An exact copy of each line below is needed, with no images in it.

━━━━━ Recorded data

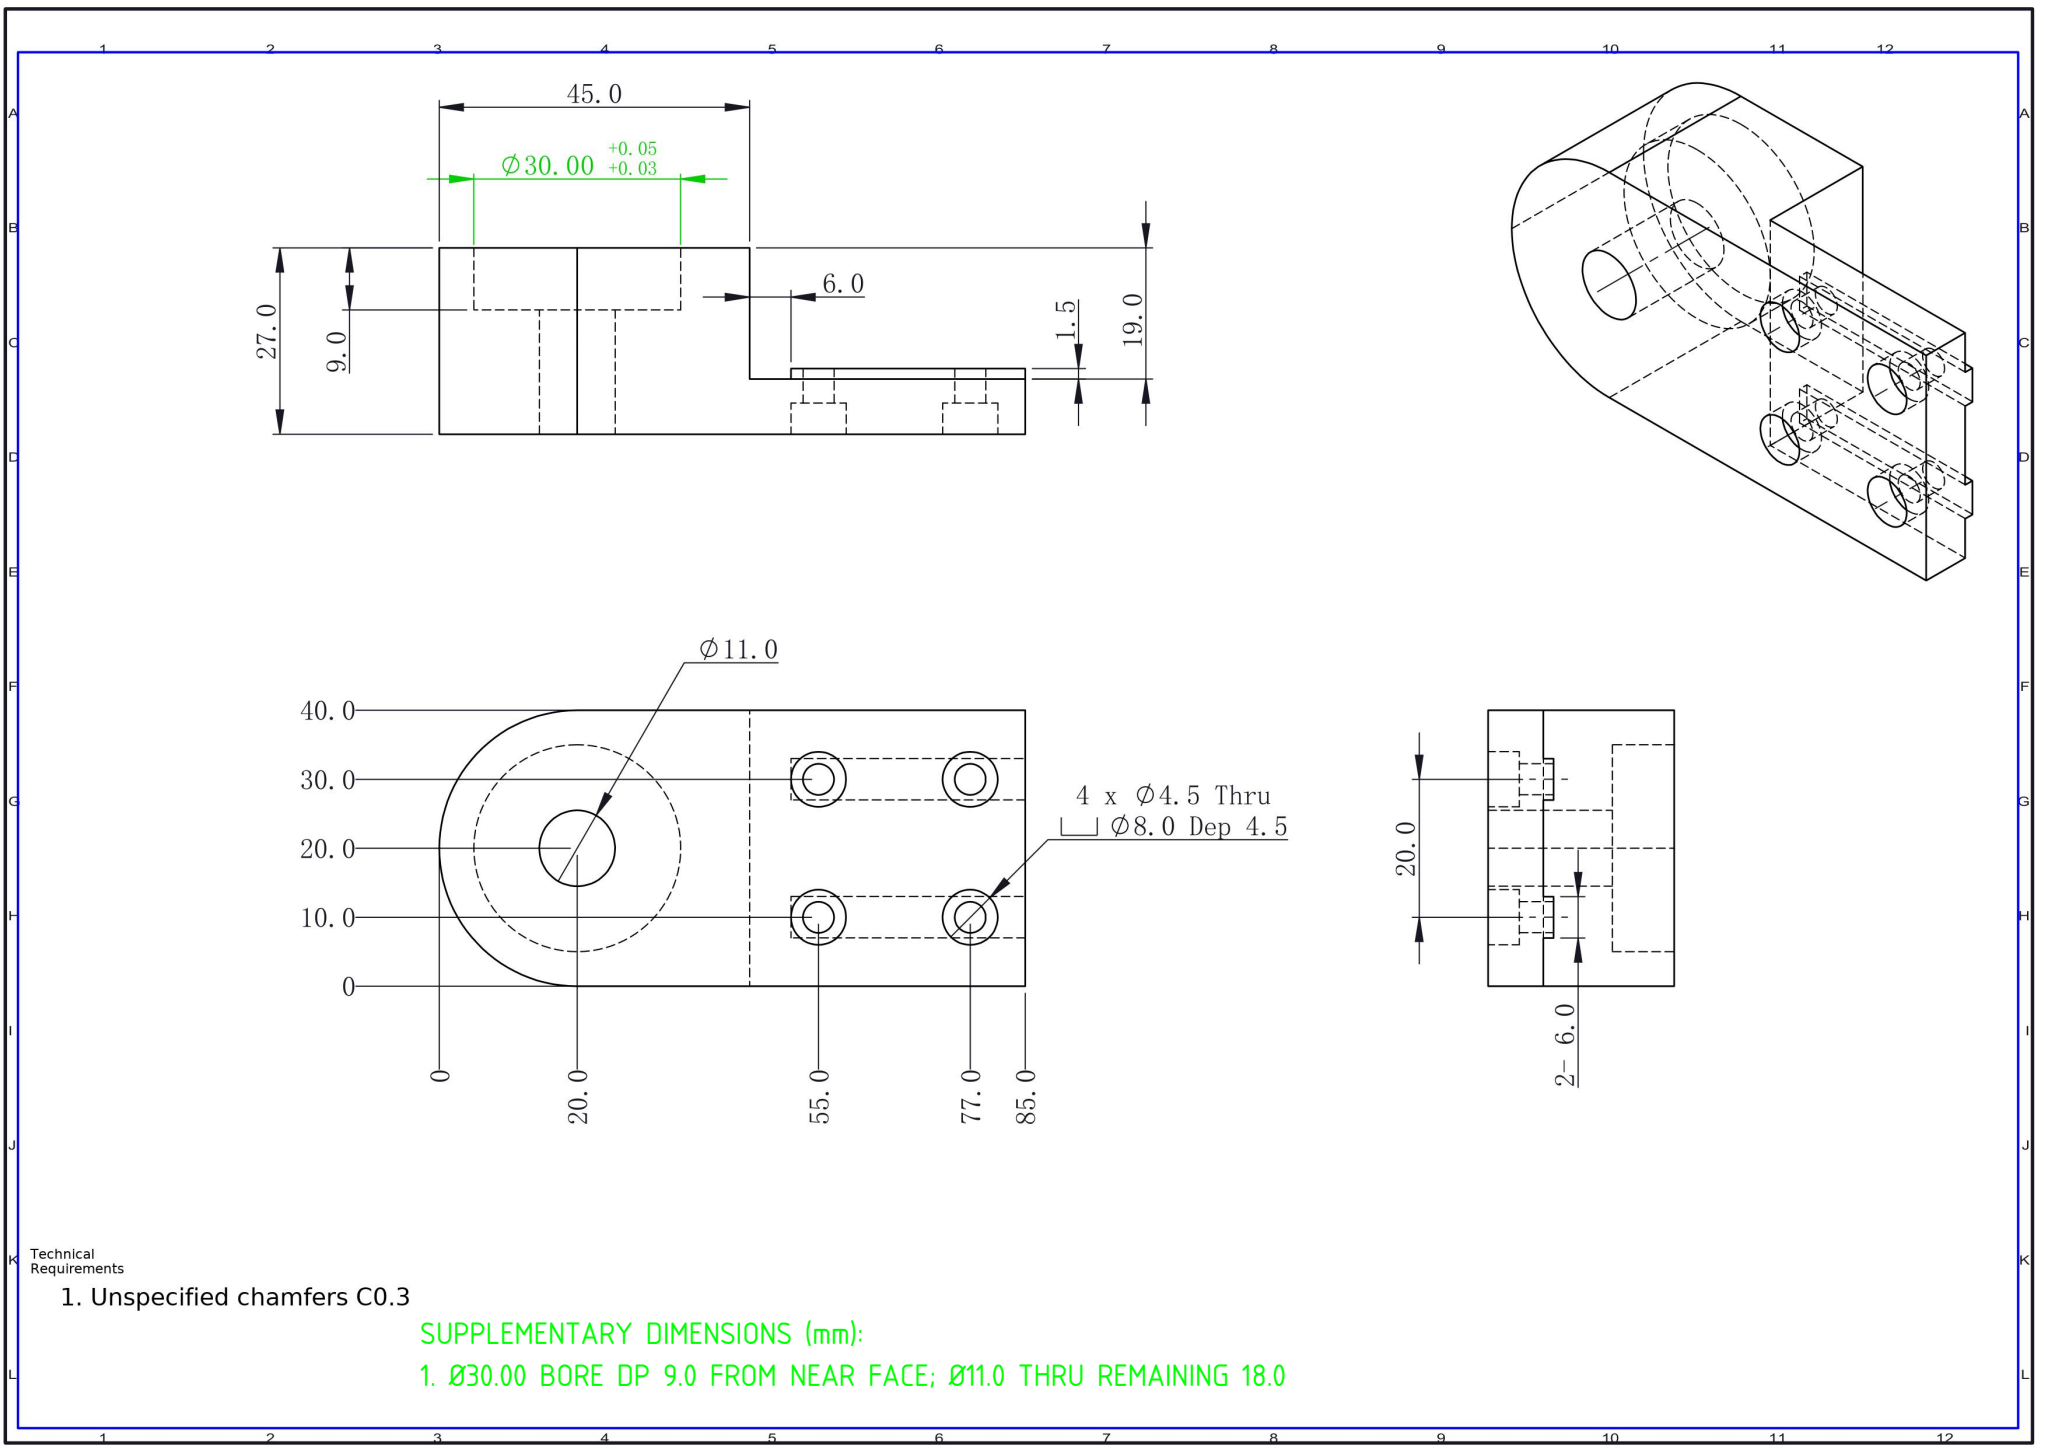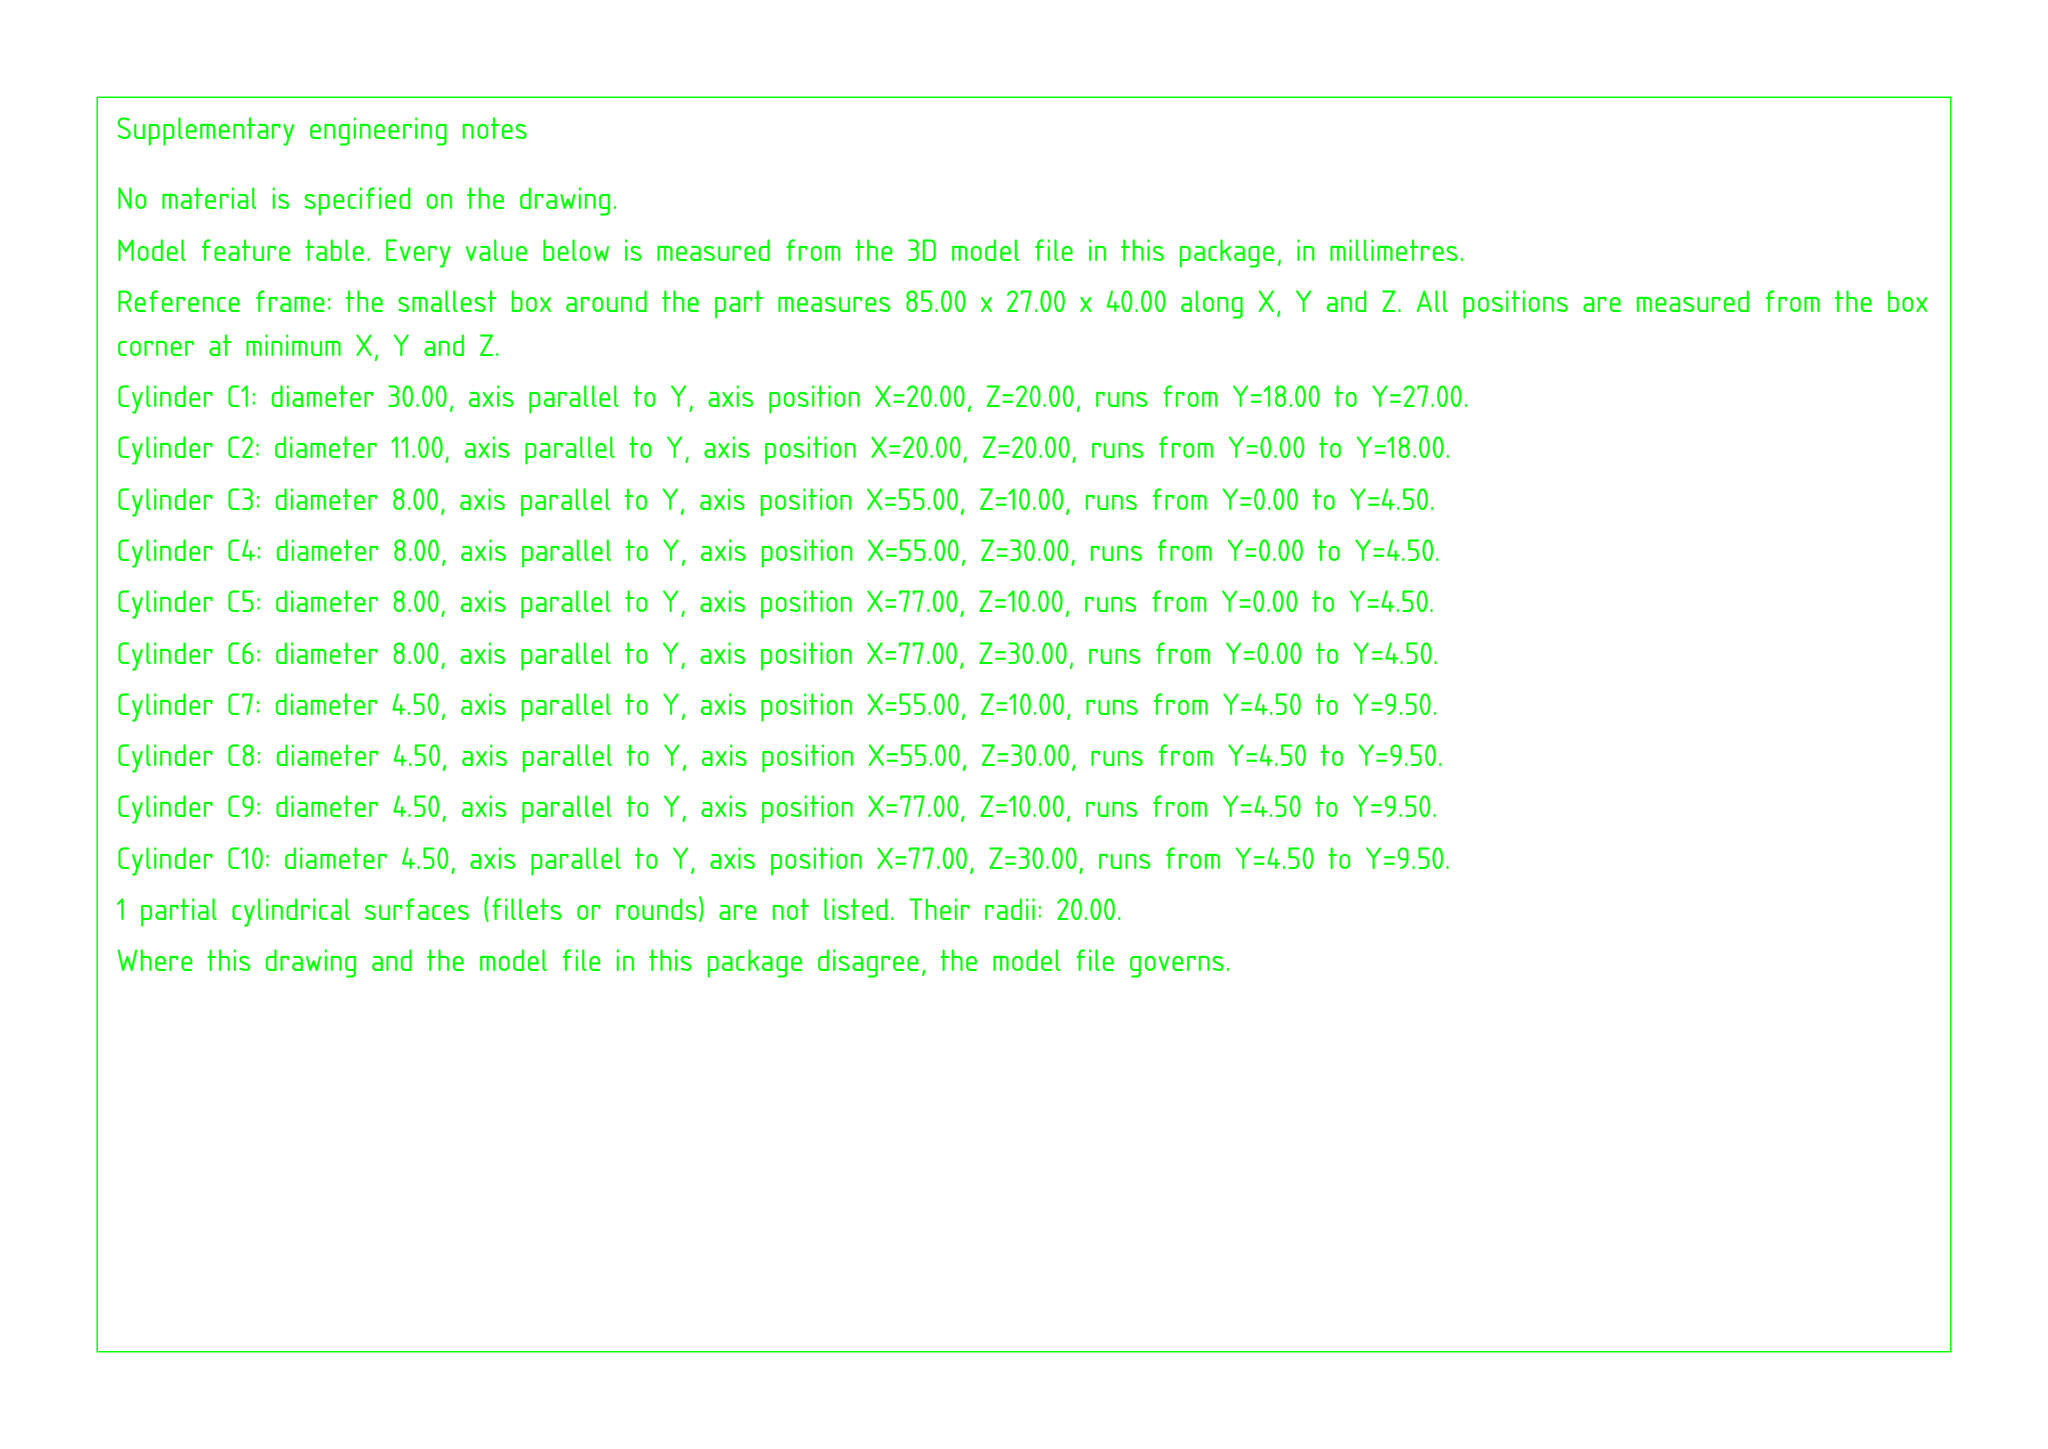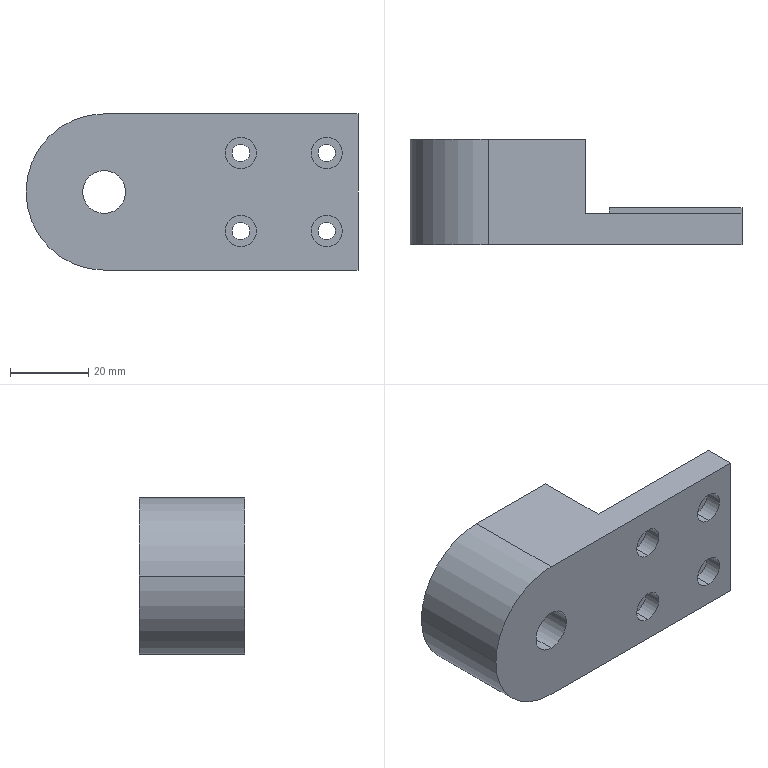Part | SolidWorks | mm | 1 solid | 42 faces | box 85 x 27 x 40 mm | volume 48081 mm3 | cylinder 22 | plane 20 | commonest cylinder face diameters 8 x8 4.5 x8 30 x2 11 x2 40 x2
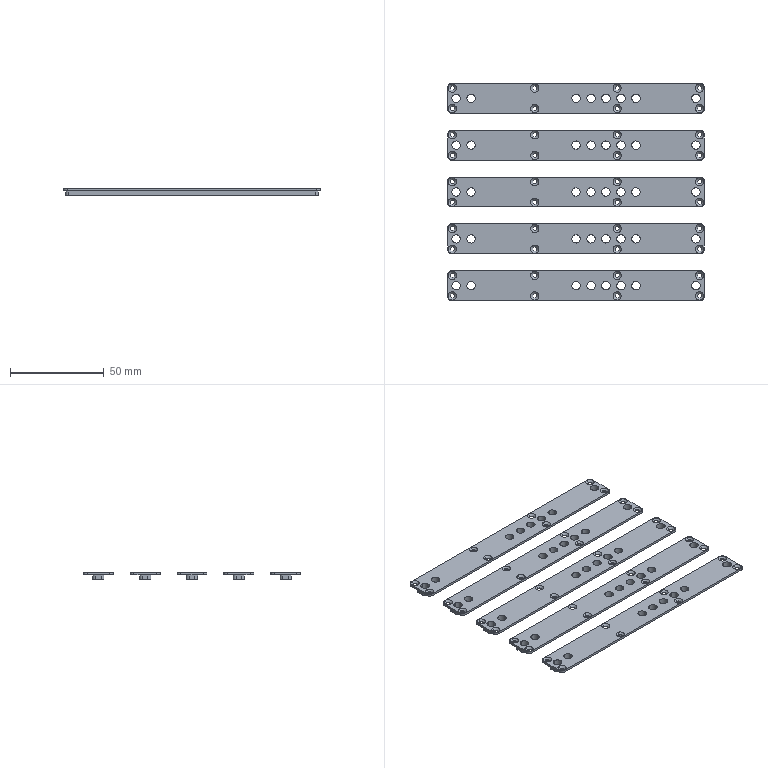CAM job | Mastercam | mm | 8 operations | part box 137 x 116 x 3.5
1. Facing | 8 - 8 平铣刀
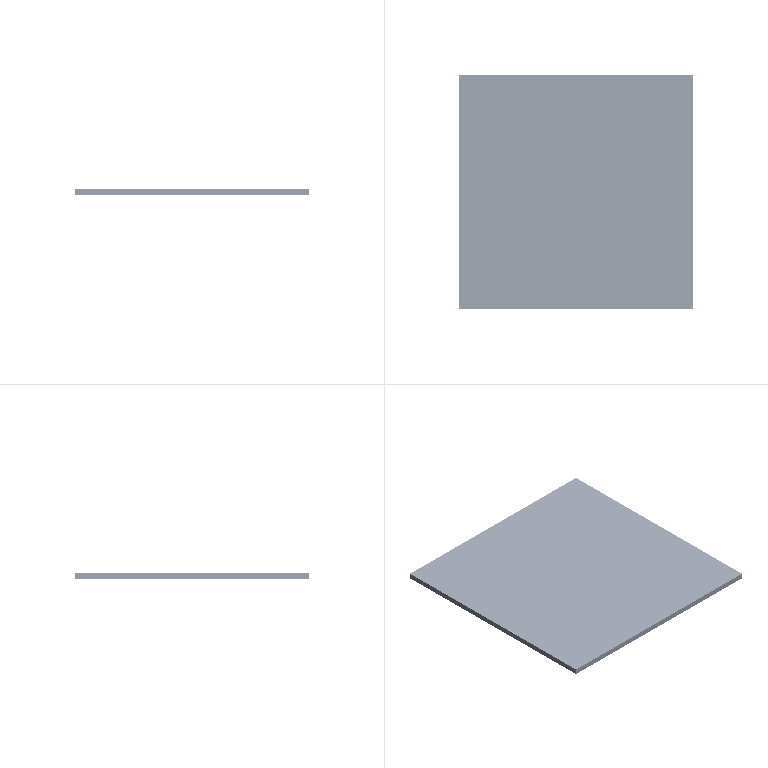2. Contour (Ramp) | 8 - 8 平铣刀
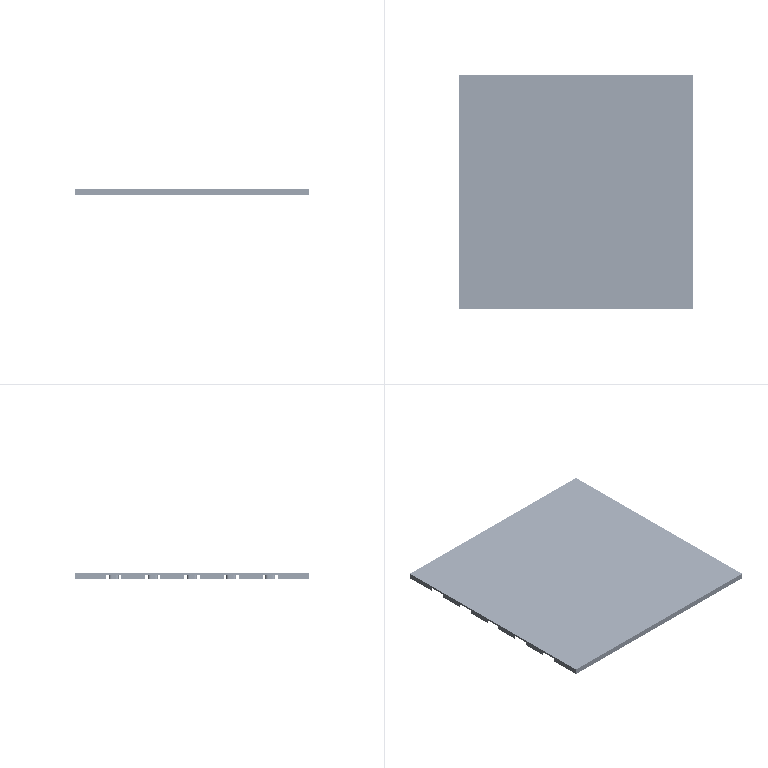3. Contour (2D) | 6 - 6 平铣刀
4. Contour (Ramp) | 3 - 3 平铣刀
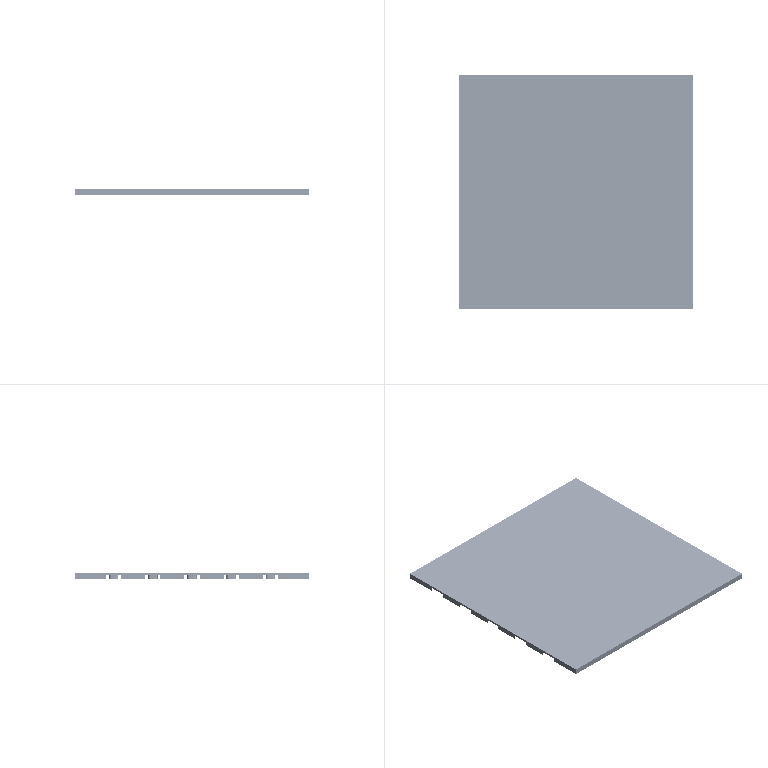5. Drill/Counterbore | 7 - 4 倒角刀
6. Contour (2D chamfer) | 7 - 4 倒角刀
7. Contour (2D chamfer) | 7 - 4 倒角刀
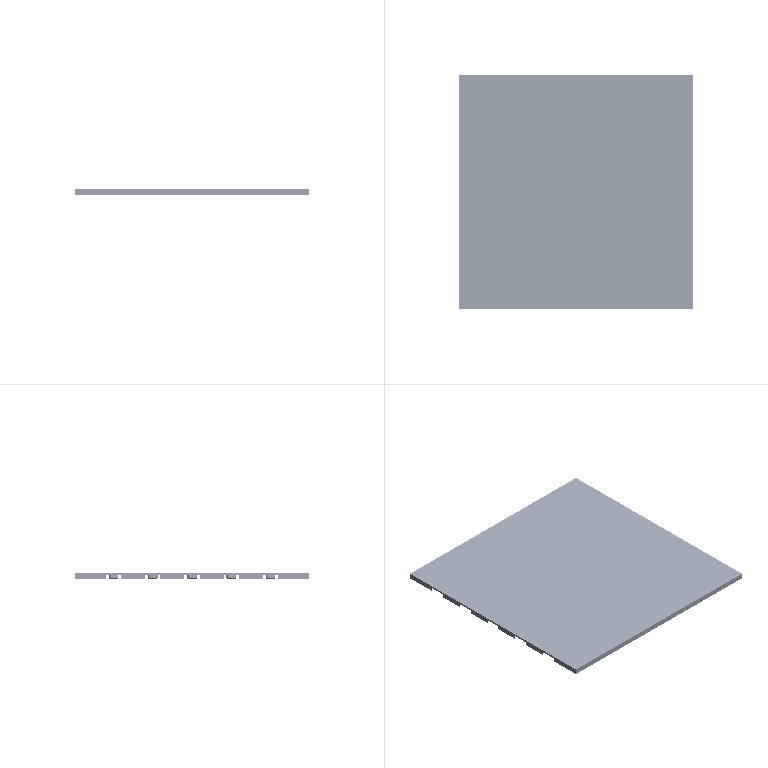8. Contour (2D) | 2 - 2 平铣刀

━━━━━━━━━━

**Solved problem**
Part | SolidWorks | mm | 1 solid | 42 faces | box 85 x 27 x 40 mm | volume 48081 mm3 | cylinder 22 | plane 20 | commonest cylinder face diameters 8 x8 4.5 x8 30 x2 11 x2 40 x2
CAM job | Mastercam | mm | 8 operations | part box 137 x 116 x 3.5
1. Facing | 8 - 8 平铣刀
2. Contour (Ramp) | 8 - 8 平铣刀
3. Contour (2D) | 6 - 6 平铣刀
4. Contour (Ramp) | 3 - 3 平铣刀
5. Drill/Counterbore | 7 - 4 倒角刀
6. Contour (2D chamfer) | 7 - 4 倒角刀
7. Contour (2D chamfer) | 7 - 4 倒角刀
8. Contour (2D) | 2 - 2 平铣刀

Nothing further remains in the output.